[Saved entries]
....................

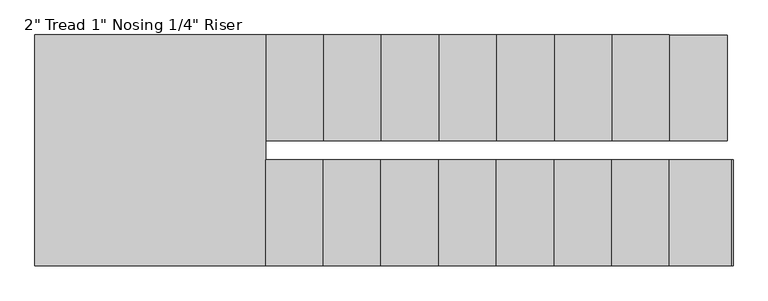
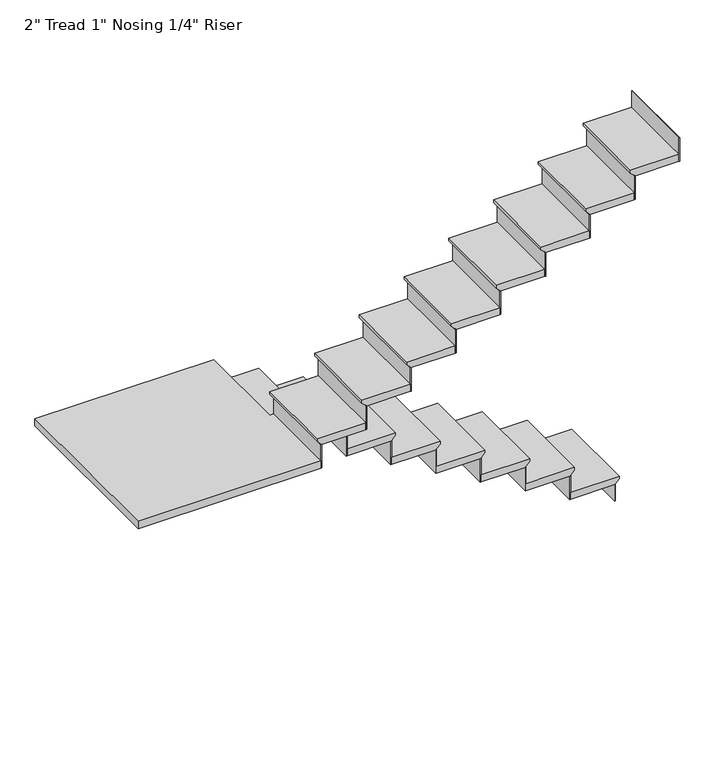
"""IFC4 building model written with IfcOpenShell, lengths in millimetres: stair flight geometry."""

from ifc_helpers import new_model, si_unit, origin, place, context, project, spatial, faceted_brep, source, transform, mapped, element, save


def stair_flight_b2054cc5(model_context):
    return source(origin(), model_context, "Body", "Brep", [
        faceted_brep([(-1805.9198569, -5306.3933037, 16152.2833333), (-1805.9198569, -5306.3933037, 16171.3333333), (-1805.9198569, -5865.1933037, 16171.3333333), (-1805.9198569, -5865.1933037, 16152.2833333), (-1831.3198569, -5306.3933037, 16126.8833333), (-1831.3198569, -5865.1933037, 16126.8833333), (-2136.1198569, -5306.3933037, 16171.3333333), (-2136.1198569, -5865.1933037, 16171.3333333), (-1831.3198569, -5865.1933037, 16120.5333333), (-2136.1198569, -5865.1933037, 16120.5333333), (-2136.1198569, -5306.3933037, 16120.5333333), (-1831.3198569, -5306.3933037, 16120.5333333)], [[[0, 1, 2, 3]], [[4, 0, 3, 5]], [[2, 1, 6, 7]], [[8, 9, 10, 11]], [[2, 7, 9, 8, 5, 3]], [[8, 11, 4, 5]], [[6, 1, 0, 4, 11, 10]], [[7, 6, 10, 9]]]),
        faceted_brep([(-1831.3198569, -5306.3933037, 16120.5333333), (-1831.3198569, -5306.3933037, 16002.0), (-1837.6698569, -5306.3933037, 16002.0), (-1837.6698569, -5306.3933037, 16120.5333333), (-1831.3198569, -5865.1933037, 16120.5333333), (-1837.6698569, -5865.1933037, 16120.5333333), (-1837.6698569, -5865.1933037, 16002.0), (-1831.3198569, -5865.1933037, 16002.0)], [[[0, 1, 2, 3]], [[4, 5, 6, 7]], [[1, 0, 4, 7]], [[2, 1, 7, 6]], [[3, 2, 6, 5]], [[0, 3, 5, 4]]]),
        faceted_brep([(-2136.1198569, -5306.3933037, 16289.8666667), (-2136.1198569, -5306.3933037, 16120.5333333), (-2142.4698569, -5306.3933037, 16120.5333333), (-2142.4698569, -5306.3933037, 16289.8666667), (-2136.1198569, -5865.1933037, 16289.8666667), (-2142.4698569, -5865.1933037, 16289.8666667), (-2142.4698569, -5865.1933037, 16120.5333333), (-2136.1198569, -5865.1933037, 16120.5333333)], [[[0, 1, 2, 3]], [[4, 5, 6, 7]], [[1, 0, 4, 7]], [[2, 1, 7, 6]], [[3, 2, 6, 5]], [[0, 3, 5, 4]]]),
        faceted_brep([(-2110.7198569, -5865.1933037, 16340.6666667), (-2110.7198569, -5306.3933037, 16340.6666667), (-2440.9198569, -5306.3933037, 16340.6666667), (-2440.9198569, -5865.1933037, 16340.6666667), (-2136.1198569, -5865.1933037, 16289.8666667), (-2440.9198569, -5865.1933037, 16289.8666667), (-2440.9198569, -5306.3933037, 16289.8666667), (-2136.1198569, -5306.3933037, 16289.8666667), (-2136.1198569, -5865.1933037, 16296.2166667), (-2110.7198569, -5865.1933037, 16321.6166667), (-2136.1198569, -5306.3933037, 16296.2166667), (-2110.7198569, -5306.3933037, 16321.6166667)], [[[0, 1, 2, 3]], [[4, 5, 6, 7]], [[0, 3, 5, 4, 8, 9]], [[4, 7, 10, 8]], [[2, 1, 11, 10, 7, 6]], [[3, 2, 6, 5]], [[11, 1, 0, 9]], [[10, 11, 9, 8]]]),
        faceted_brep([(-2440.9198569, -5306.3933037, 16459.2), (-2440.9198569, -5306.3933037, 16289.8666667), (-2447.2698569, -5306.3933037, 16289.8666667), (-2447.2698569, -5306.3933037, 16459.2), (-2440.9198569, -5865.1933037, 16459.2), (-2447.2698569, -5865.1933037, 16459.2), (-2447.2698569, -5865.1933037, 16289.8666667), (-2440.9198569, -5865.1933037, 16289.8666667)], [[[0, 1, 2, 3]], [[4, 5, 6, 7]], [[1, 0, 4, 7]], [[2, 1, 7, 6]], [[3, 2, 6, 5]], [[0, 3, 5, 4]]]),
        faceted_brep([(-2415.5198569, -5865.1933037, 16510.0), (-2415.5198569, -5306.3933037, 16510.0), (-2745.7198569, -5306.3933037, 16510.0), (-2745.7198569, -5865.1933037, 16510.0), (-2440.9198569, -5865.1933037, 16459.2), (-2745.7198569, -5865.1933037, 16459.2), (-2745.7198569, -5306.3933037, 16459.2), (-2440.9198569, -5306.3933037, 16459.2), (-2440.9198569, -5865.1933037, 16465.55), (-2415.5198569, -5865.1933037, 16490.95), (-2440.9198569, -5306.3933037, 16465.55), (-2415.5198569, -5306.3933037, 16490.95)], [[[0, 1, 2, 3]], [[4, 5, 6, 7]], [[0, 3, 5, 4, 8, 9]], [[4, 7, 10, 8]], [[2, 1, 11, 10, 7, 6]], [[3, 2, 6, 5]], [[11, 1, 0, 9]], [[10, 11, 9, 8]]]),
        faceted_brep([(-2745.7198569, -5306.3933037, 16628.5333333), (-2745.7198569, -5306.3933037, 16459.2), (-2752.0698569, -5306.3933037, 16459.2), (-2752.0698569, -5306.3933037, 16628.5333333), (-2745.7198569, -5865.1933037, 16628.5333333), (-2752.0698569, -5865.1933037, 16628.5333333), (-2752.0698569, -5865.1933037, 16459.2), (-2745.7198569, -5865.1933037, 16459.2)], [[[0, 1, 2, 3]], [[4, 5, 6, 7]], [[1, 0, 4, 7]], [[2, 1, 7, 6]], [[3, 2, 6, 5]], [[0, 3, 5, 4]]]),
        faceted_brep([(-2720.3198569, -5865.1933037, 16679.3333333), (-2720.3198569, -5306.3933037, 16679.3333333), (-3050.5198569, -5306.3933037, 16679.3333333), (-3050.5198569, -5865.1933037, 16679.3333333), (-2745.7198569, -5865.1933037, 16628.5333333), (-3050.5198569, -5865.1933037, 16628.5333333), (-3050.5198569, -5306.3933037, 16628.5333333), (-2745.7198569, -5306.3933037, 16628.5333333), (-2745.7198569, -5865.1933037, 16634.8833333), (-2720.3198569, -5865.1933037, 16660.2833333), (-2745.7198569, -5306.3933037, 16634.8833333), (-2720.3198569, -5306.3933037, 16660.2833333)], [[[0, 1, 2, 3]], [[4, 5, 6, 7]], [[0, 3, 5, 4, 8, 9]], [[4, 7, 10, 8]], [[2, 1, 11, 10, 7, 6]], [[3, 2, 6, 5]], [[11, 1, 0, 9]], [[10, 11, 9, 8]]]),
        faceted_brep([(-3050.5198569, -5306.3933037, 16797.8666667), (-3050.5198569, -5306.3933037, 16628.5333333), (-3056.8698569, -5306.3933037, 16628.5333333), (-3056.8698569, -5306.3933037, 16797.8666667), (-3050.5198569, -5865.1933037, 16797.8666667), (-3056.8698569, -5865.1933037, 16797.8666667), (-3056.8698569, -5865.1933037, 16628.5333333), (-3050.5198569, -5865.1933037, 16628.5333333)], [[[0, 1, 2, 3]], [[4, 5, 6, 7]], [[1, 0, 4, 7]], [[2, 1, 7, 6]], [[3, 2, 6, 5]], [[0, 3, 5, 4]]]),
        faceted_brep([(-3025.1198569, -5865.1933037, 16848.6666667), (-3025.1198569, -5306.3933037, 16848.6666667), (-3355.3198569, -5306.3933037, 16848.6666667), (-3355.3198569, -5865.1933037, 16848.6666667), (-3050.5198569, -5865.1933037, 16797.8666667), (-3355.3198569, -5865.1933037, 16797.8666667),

....................

Look through the data above. Each line containing the word "source" needs to be copied.

from ifc_helpers import new_model, si_unit, origin, place, context, project, spatial, faceted_brep, source, transform, mapped, element, save
    return source(origin(), model_context, "Body", "Brep", [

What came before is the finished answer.